### Prompt
Using the records that follow, copy every line containing the word "CompositionType".

### Provided records

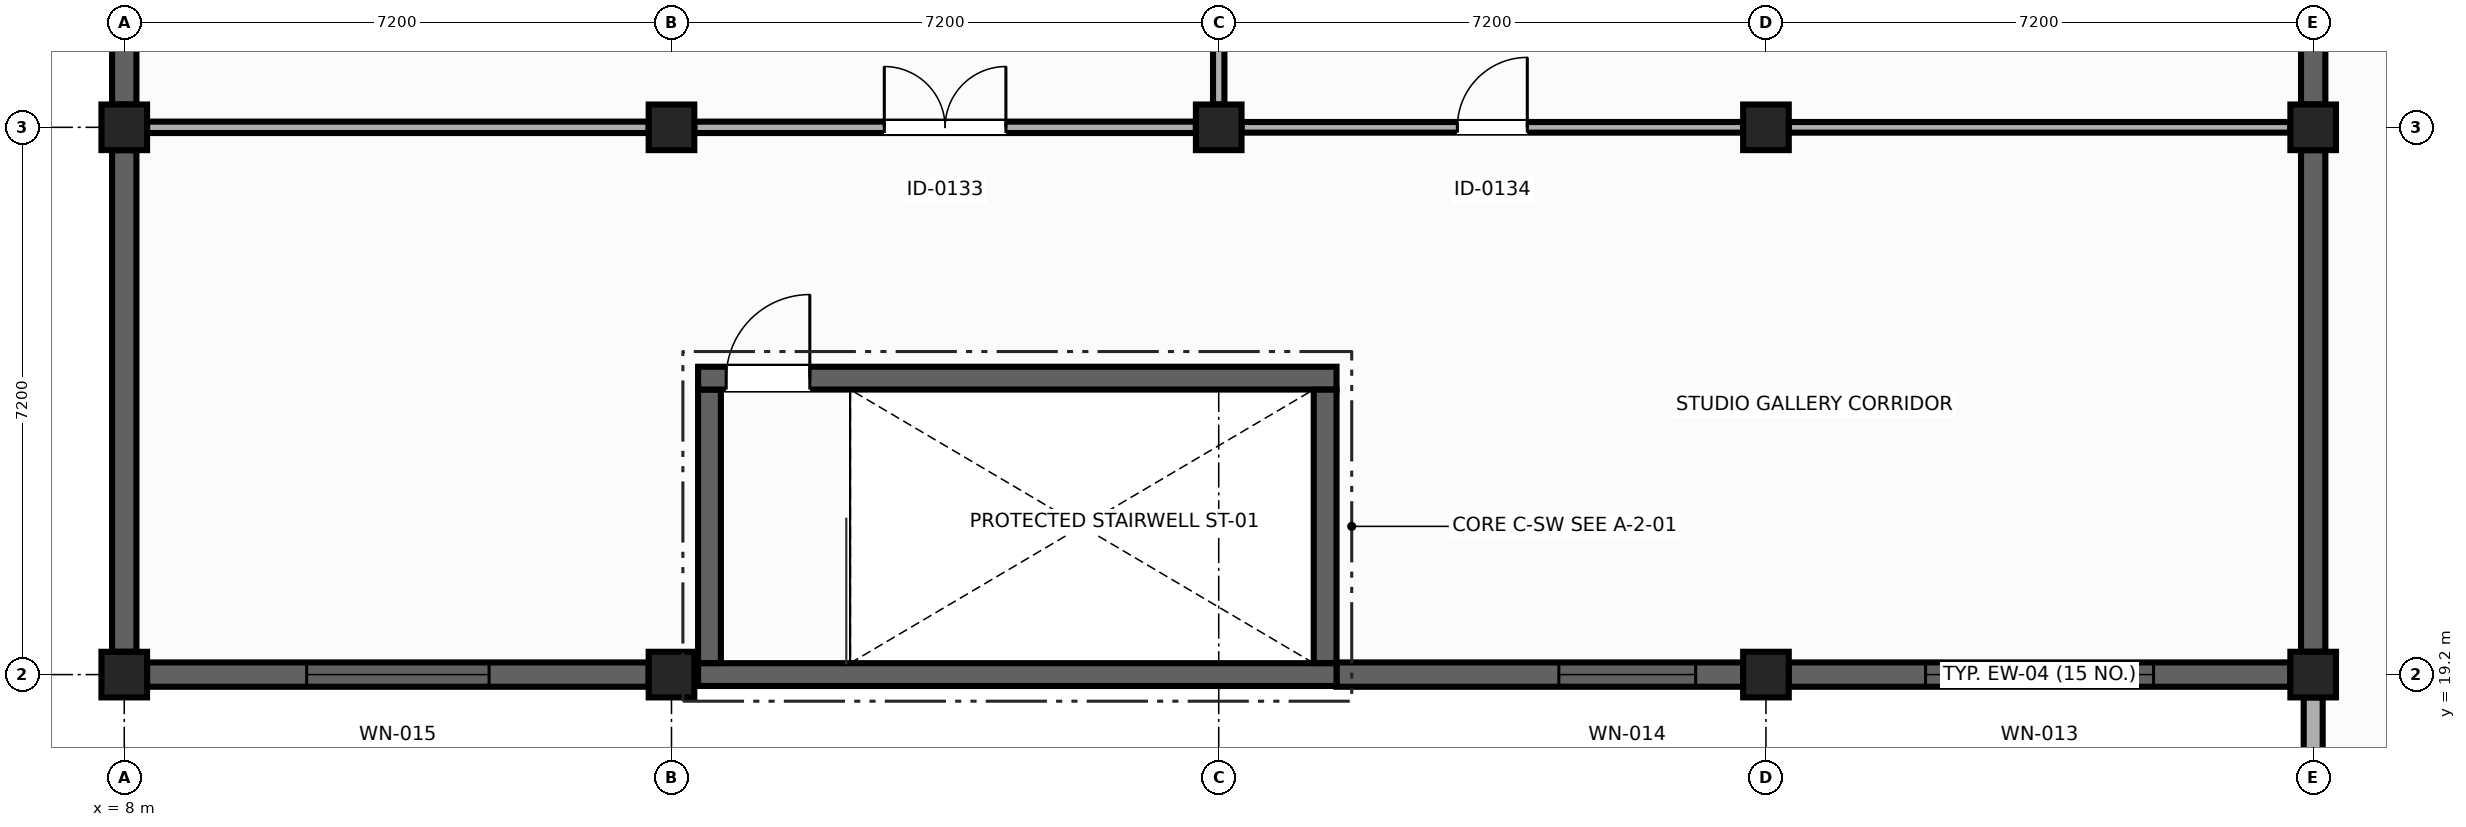
"""IFC4 building model, lengths in metres.
Left out: names, types, materials, properties, quantities, classifications, styles, units other than length and angle.
Written with IfcOpenShell. Run it as: python <this file> out.ifc"""

import sys

from ifc_helpers import new_model, si_unit, direction, frame, frame_2d, origin, origin_2d, place, context, subcontext, project, spatial, rectangle, extrude, element, fill, save


model = new_model("IFC4")
c1 = context("Model", 3, precision=1e-05, world=origin(), true_north=direction((0.0, 1.0)))
c2 = subcontext(c1, "Body", "Model", "MODEL_VIEW")
j1 = project(units=[si_unit("LENGTHUNIT", "METRE"), si_unit("PLANEANGLEUNIT", "RADIAN")], contexts=[c1])
p1 = place(None, origin())
s1 = spatial("IfcSite", under=j1, at=p1, CompositionType="ELEMENT")
p2 = place(p1, origin())
s2 = spatial("IfcBuilding", under=s1, at=p2, CompositionType="ELEMENT")
p3 = place(p2, frame((0.0, 0.0, 9.9)))
s3 = spatial("IfcBuildingStorey", under=s2, at=p3, CompositionType="ELEMENT", Elevation=9.9)
p4 = place(p3, frame((8.0, 19.2, 0.0), z_axis=(0.0, 0.0, 1.0), x_axis=(0.0, 1.0, 0.0)))
e1 = element("IfcColumn", 1, at=p4, inside=s3, PredefinedType="COLUMN", context=c2, shape_type="SweptSolid", body=[
    extrude(rectangle(XDim=0.6, YDim=0.6, at=origin_2d()), origin(), (0.0, 0.0, 1.0), 4.313),
])
for number, where, z_axis, x_axis in (
    (2, (15.2, 19.2, 0.0), (0.0, 0.0, 1.0), (1.0, 0.0, 0.0)),
    (3, (29.6, 19.2, 0.0), (0.0, 0.0, 1.0), (1.0, 0.0, 0.0)),
):
    element("IfcColumn", number, at=place(p3, frame(where, z_axis=z_axis, x_axis=x_axis)), inside=s3, PredefinedType="COLUMN", context=c2, shape_type="SweptSolid", body=[
        extrude(rectangle(XDim=0.6, YDim=0.6, at=origin_2d()), origin(), (0.0, 0.0, 1.0), 6.213),
    ])
p5 = place(p3, frame((36.8, 19.2, 0.0), z_axis=(0.0, 0.0, 1.0), x_axis=(1.0, 0.0, 0.0)))
e4 = element("IfcColumn", 4, at=p5, inside=s3, PredefinedType="COLUMN", context=c2, shape_type="SweptSolid", body=[
    extrude(rectangle(XDim=0.6, YDim=0.6, at=origin_2d()), origin(), (0.0, 0.0, 1.0), 4.5),
])
p6 = place(p3, frame((8.0, 26.4, 0.0), z_axis=(0.0, 0.0, 1.0), x_axis=(1.0, 0.0, 0.0)))
e5 = element("IfcColumn", 5, at=p6, inside=s3, PredefinedType="COLUMN", context=c2, shape_type="SweptSolid", body=[
    extrude(rectangle(XDim=0.6, YDim=0.6, at=origin_2d()), origin(), (0.0, 0.0, 1.0), 4.313),
])
p7 = place(p3, frame((15.2, 26.4, 0.0), z_axis=(0.0, 0.0, 1.0), x_axis=(0.0, 1.0, 0.0)))
e6 = element("IfcColumn", 6, at=p7, inside=s3, PredefinedType="COLUMN", context=c2, shape_type="SweptSolid", body=[
    extrude(rectangle(XDim=0.6, YDim=0.6, at=origin_2d()), origin(), (0.0, 0.0, 1.0), 6.213),
])
p8 = place(p3, frame((22.4, 26.4, 0.0), z_axis=(0.0, 0.0, 1.0), x_axis=(1.0, 0.0, 0.0)))
e7 = element("IfcColumn", 7, at=p8, inside=s3, PredefinedType="COLUMN", context=c2, shape_type="SweptSolid", body=[
    extrude(rectangle(XDim=0.6, YDim=0.6, at=origin_2d()), origin(), (0.0, 0.0, 1.0), 8.113),
])
p9 = place(p3, frame((29.6, 26.4, 0.0), z_axis=(0.0, 0.0, 1.0), x_axis=(1.0, 0.0, 0.0)))
e8 = element("IfcColumn", 8, at=p9, inside=s3, PredefinedType="COLUMN", context=c2, shape_type="SweptSolid", body=[
    extrude(rectangle(XDim=0.6, YDim=0.6, at=origin_2d()), origin(), (0.0, 0.0, 1.0), 6.213),
])
p10 = place(p3, frame((36.8, 26.4, 0.0), z_axis=(0.0, 0.0, 1.0), x_axis=(0.0, 1.0, 0.0)))
e9 = element("IfcColumn", 9, at=p10, inside=s3, PredefinedType="COLUMN", context=c2, shape_type="SweptSolid", body=[
    extrude(rectangle(XDim=0.6, YDim=0.6, at=origin_2d()), origin(), (0.0, 0.0, 1.0), 4.5),
])
p11 = place(p3, frame((36.5, 19.2, 0.0), z_axis=(0.0, 0.0, 1.0), x_axis=(-1.0, 0.0, 0.0)))
e10 = element("IfcWall", 10, at=p11, inside=s3, PredefinedType="SOLIDWALL", context=c2, shape_type="SweptSolid", body=[
    extrude(rectangle(XDim=6.6, YDim=0.32, at=frame_2d((3.3, 0.0))), origin(), (0.0, 0.0, 1.0), 4.5),
])
p12 = place(p11, frame((1.8, 0.0, 0.9)))
e11 = element("IfcOpeningElement", 11, at=p12, cuts=e10, PredefinedType="OPENING", context=c2, shape_type="SweptSolid", body=[
    extrude(rectangle(XDim=3.0, YDim=2.1, at=frame_2d((1.5, 1.05))), frame((0.0, 0.17, 0.0), z_axis=(0.0, -1.0, 0.0), x_axis=(1.0, 0.0, 0.0)), (0.0, 0.0, 1.0), 0.34),
])
p13 = place(p3, frame((29.3, 19.2, 0.0), z_axis=(0.0, 0.0, 1.0), x_axis=(-1.0, 0.0, 0.0)))
e12 = element("IfcWall", 12, at=p13, inside=s3, PredefinedType="SOLIDWALL", context=c2, shape_type="SweptSolid", body=[
    extrude(rectangle(XDim=5.35, YDim=0.32, at=frame_2d((2.675, 0.0))), origin(), (0.0, 0.0, 1.0), 4.5),
])
p14 = place(p13, frame((0.625, 0.0, 1.8)))
e13 = element("IfcOpeningElement", 13, at=p14, cuts=e12, PredefinedType="OPENING", context=c2, shape_type="SweptSolid", body=[
    extrude(rectangle(XDim=1.8, YDim=1.2, at=frame_2d((0.9, 0.6))), frame((0.0, 0.17, 0.0), z_axis=(0.0, -1.0, 0.0), x_axis=(1.0, 0.0, 0.0)), (0.0, 0.0, 1.0), 0.34),
])
p15 = place(p3, frame((14.9, 19.2, 0.0), z_axis=(0.0, 0.0, 1.0), x_axis=(-1.0, 0.0, 0.0)))
e14 = element("IfcWall", 14, at=p15, inside=s3, PredefinedType="SOLIDWALL", context=c2, shape_type="SweptSolid", body=[
    extrude(rectangle(XDim=6.6, YDim=0.32, at=frame_2d((3.3, 0.0))), origin(), (0.0, 0.0, 1.0), 4.5),
])
p16 = place(p15, frame((2.1, 0.0, 1.8)))
e15 = element("IfcOpeningElement", 15, at=p16, cuts=e14, PredefinedType="OPENING", context=c2, shape_type="SweptSolid", body=[
    extrude(rectangle(XDim=2.4, YDim=1.2, at=frame_2d((1.2, 0.6))), frame((0.0, 0.17, 0.0), z_axis=(0.0, -1.0, 0.0), x_axis=(1.0, 0.0, 0.0)), (0.0, 0.0, 1.0), 0.34),
])
for number, where, z_axis, x_axis in (
    (16, (8.0, 19.5, 0.0), (0.0, 0.0, 1.0), (0.0, 1.0, 0.0)),
    (17, (8.0, 26.7, 0.0), (0.0, 0.0, 1.0), (0.0, 1.0, 0.0)),
):
    element("IfcWall", number, at=place(p3, frame(where, z_axis=z_axis, x_axis=x_axis)), inside=s3, PredefinedType="SOLIDWALL", context=c2, shape_type="SweptSolid", body=[
        extrude(rectangle(XDim=6.6, YDim=0.32, at=frame_2d((3.3, 0.0))), origin(), (0.0, 0.0, 1.0), 4.313),
    ])
for number, where, z_axis, x_axis in (
    (18, (36.8, 33.3, 0.0), (0.0, 0.0, 1.0), (0.0, -1.0, 0.0)),
    (19, (36.8, 26.1, 0.0), (0.0, 0.0, 1.0), (0.0, -1.0, 0.0)),
):
    element("IfcWall", number, at=place(p3, frame(where, z_axis=z_axis, x_axis=x_axis)), inside=s3, PredefinedType="SOLIDWALL", context=c2, shape_type="SweptSolid", body=[
        extrude(rectangle(XDim=6.6, YDim=0.32, at=frame_2d((3.3, 0.0))), origin(), (0.0, 0.0, 1.0), 4.22),
    ])
p17 = place(p3, frame((36.8, 17.25, 0.0), z_axis=(0.0, 0.0, 1.0), x_axis=(0.0, 1.0, 0.0)))
e20 = element("IfcWall", 20, at=p17, inside=s3, PredefinedType="SOLIDWALL", context=c2, shape_type="SweptSolid", body=[
    extrude(rectangle(XDim=1.65, YDim=0.25, at=frame_2d((0.825, 0.0))), origin(), (0.0, 0.0, 1.0), 3.375),
])
p18 = place(p3, frame((23.95, 19.2, 0.0), z_axis=(0.0, 0.0, 1.0), x_axis=(-1.0, 0.0, 0.0)))
e21 = element("IfcWall", 21, at=p18, inside=s3, PredefinedType="SHEAR", context=c2, shape_type="SweptSolid", body=[
    extrude(rectangle(XDim=8.4, YDim=0.3, at=frame_2d((4.2, 0.0))), origin(), (0.0, 0.0, 1.0), 7.414),
])
p19 = place(p3, frame((15.7, 19.352, 0.0), z_axis=(0.0, 0.0, 1.0), x_axis=(0.0, 1.0, 0.0)))
e22 = element("IfcWall", 22, at=p19, inside=s3, PredefinedType="SHEAR", context=c2, shape_type="SweptSolid", body=[
    extrude(rectangle(XDim=3.598, YDim=0.3, at=frame_2d((1.799, 0.0))), origin(), (0.0, 0.0, 1.0), 6.345),
])
p20 = place(p3, frame((15.55, 23.1, 0.0), z_axis=(0.0, 0.0, 1.0), x_axis=(1.0, 0.0, 0.0)))
e23 = element("IfcWall", 23, at=p20, inside=s3, PredefinedType="SHEAR", context=c2, shape_type="SweptSolid", body=[
    extrude(rectangle(XDim=8.4, YDim=0.3, at=frame_2d((4.2, 0.0))), origin(), (0.0, 0.0, 1.0), 7.414),
])
p21 = place(p20, frame((0.37, 0.0, 0.0)))
e24 = element("IfcOpeningElement", 24, at=p21, cuts=e23, PredefinedType="OPENING", context=c2, shape_type="SweptSolid", body=[
    extrude(rectangle(XDim=1.1, YDim=2.15, at=frame_2d((0.55, 1.075))), frame((0.0, 0.16, 0.0), z_axis=(0.0, -1.0, 0.0), x_axis=(1.0, 0.0, 0.0)), (0.0, 0.0, 1.0), 0.32),
])
p22 = place(p3, frame((23.8, 22.948, 0.0), z_axis=(0.0, 0.0, 1.0), x_axis=(0.0, -1.0, 0.0)))
e25 = element("IfcWall", 25, at=p22, inside=s3, PredefinedType="SHEAR", context=c2, shape_type="SweptSolid", body=[
    extrude(rectangle(XDim=3.596, YDim=0.3, at=frame_2d((1.798, 0.0))), origin(), (0.0, 0.0, 1.0), 7.744),
])
p23 = place(p3, frame((22.4, 26.7, 0.0), z_axis=(0.0, 0.0, 1.0), x_axis=(0.0, 1.0, 0.0)))
e26 = element("IfcWall", 26, at=p23, inside=s3, PredefinedType="PARTITIONING", context=c2, shape_type="SweptSolid", body=[
    extrude(rectangle(XDim=6.9, YDim=0.15, at=frame_2d((3.45, 0.0))), origin(), (0.0, 0.0, 1.0), 7.551),
])
p24 = place(p23, frame((2.05, 0.0, 1.1)))
e27 = element("IfcOpeningElement", 27, at=p24, cuts=e26, PredefinedType="OPENING", context=c2, shape_type="SweptSolid", body=[
    extrude(rectangle(XDim=2.8, YDim=1.1, at=frame_2d((1.4, 0.55))), frame((0.0, 0.085, 0.0), z_axis=(0.0, -1.0, 0.0), x_axis=(1.0, 0.0, 0.0)), (0.0, 0.0, 1.0), 0.17),
])
p25 = place(p3, frame((8.3, 26.4, 0.0), z_axis=(0.0, 0.0, 1.0), x_axis=(1.0, 0.0, 0.0)))
e28 = element("IfcWall", 28, at=p25, inside=s3, PredefinedType="PARTITIONING", context=c2, shape_type="SweptSolid", body=[
    extrude(rectangle(XDim=6.6, YDim=0.15, at=frame_2d((3.3, 0.0))), origin(), (0.0, 0.0, 1.0), 5.263),
])
p26 = place(p3, frame((15.5, 26.4, 0.0), z_axis=(0.0, 0.0, 1.0), x_axis=(1.0, 0.0, 0.0)))
e29 = element("IfcWall", 29, at=p26, inside=s3, PredefinedType="PARTITIONING", context=c2, shape_type="SweptSolid", body=[
    extrude(rectangle(XDim=6.6, YDim=0.15, at=frame_2d((3.3, 0.0))), origin(), (0.0, 0.0, 1.0), 7.163),
])
p27 = place(p26, frame((2.5, 0.0, 0.0)))
e30 = element("IfcOpeningElement", 30, at=p27, cuts=e29, PredefinedType="OPENING", context=c2, shape_type="SweptSolid", body=[
    extrude(rectangle(XDim=1.6, YDim=2.25, at=frame_2d((0.8, 1.125))), frame((0.0, 0.085, 0.0), z_axis=(0.0, -1.0, 0.0), x_axis=(1.0, 0.0, 0.0)), (0.0, 0.0, 1.0), 0.17),
])
p28 = place(p3, frame((22.7, 26.4, 0.0), z_axis=(0.0, 0.0, 1.0), x_axis=(1.0, 0.0, 0.0)))
e31 = element("IfcWall", 31, at=p28, inside=s3, PredefinedType="PARTITIONING", context=c2, shape_type="SweptSolid", body=[
    extrude(rectangle(XDim=6.6, YDim=0.14, at=frame_2d((3.3, 0.0))), origin(), (0.0, 0.0, 1.0), 7.163),
])
p29 = place(p28, frame((2.84, 0.0, 0.0)))
e32 = element("IfcOpeningElement", 32, at=p29, cuts=e31, PredefinedType="OPENING", context=c2, shape_type="SweptSolid", body=[
    extrude(rectangle(XDim=0.92, YDim=2.1, at=frame_2d((0.46, 1.05))), frame((0.0, 0.08, 0.0), z_axis=(0.0, -1.0, 0.0), x_axis=(1.0, 0.0, 0.0)), (0.0, 0.0, 1.0), 0.16),
])
p30 = place(p3, frame((29.9, 26.4, 0.0), z_axis=(0.0, 0.0, 1.0), x_axis=(1.0, 0.0, 0.0)))
e33 = element("IfcWall", 33, at=p30, inside=s3, PredefinedType="PARTITIONING", context=c2, shape_type="SweptSolid", body=[
    extrude(rectangle(XDim=6.6, YDim=0.14, at=frame_2d((3.3, 0.0))), origin(), (0.0, 0.0, 1.0), 5.263),
])
p31 = place(p12, origin())
e34 = element("IfcWindow", 34, at=p31, inside=s3, PartitioningType="SINGLE_PANEL", PredefinedType="WINDOW", context=c2, shape_type="SweptSolid", body=[
    extrude(rectangle(XDim=3.0, YDim=2.1, at=frame_2d((1.5, 1.05))), frame((0.0, 0.03, 0.0), z_axis=(0.0, -1.0, 0.0), x_axis=(1.0, 0.0, 0.0)), (0.0, 0.0, 1.0), 0.06),
])
fill(e11, e34)
p32 = place(p14, origin())
e35 = element("IfcWindow", 35, at=p32, inside=s3, PartitioningType="SINGLE_PANEL", PredefinedType="WINDOW", context=c2, shape_type="SweptSolid", body=[
    extrude(rectangle(XDim=1.8, YDim=1.2, at=frame_2d((0.9, 0.6))), frame((0.0, 0.03, 0.0), z_axis=(0.0, -1.0, 0.0), x_axis=(1.0, 0.0, 0.0)), (0.0, 0.0, 1.0), 0.06),
])
fill(e13, e35)
p33 = place(p16, origin())
e36 = element("IfcWindow", 36, at=p33, inside=s3, PartitioningType="SINGLE_PANEL", PredefinedType="WINDOW", context=c2, shape_type="SweptSolid", body=[
    extrude(rectangle(XDim=2.4, YDim=1.2, at=frame_2d((1.2, 0.6))), frame((0.0, 0.03, 0.0), z_axis=(0.0, -1.0, 0.0), x_axis=(1.0, 0.0, 0.0)), (0.0, 0.0, 1.0), 0.06),
])
fill(e15, e36)
p34 = place(p21, origin())
e37 = element("IfcDoor", 37, at=p34, inside=s3, OperationType="SINGLE_SWING_RIGHT", PredefinedType="DOOR", context=c2, shape_type="SweptSolid", body=[
    extrude(rectangle(XDim=1.1, YDim=2.15, at=frame_2d((0.55, 1.075))), frame((0.0, 0.025, 0.0), z_axis=(0.0, -1.0, 0.0), x_axis=(1.0, 0.0, 0.0)), (0.0, 0.0, 1.0), 0.05),
])
fill(e24, e37)
p35 = place(p27, origin())
e38 = element("IfcDoor", 38, at=p35, inside=s3, OperationType="DOUBLE_DOOR_SINGLE_SWING", PredefinedType="DOOR", context=c2, shape_type="SweptSolid", body=[
    extrude(rectangle(XDim=1.6, YDim=2.25, at=frame_2d((0.8, 1.125))), frame((0.0, 0.025, 0.0), z_axis=(0.0, -1.0, 0.0), x_axis=(1.0, 0.0, 0.0)), (0.0, 0.0, 1.0), 0.05),
])
fill(e30, e38)
p36 = place(p29, origin())
e39 = element("IfcDoor", 39, at=p36, inside=s3, OperationType="SINGLE_SWING_RIGHT", PredefinedType="DOOR", context=c2, shape_type="SweptSolid", body=[
    extrude(rectangle(XDim=0.92, YDim=2.1, at=frame_2d((0.46, 1.05))), frame((0.0, 0.025, 0.0), z_axis=(0.0, -1.0, 0.0), x_axis=(1.0, 0.0, 0.0)), (0.0, 0.0, 1.0), 0.05),
])
fill(e32, e39)
save(model, sys.argv[1])

### Exercise answer
s1 = spatial("IfcSite", under=j1, at=p1, CompositionType="ELEMENT")
s2 = spatial("IfcBuilding", under=s1, at=p2, CompositionType="ELEMENT")
s3 = spatial("IfcBuildingStorey", under=s2, at=p3, CompositionType="ELEMENT", Elevation=9.9)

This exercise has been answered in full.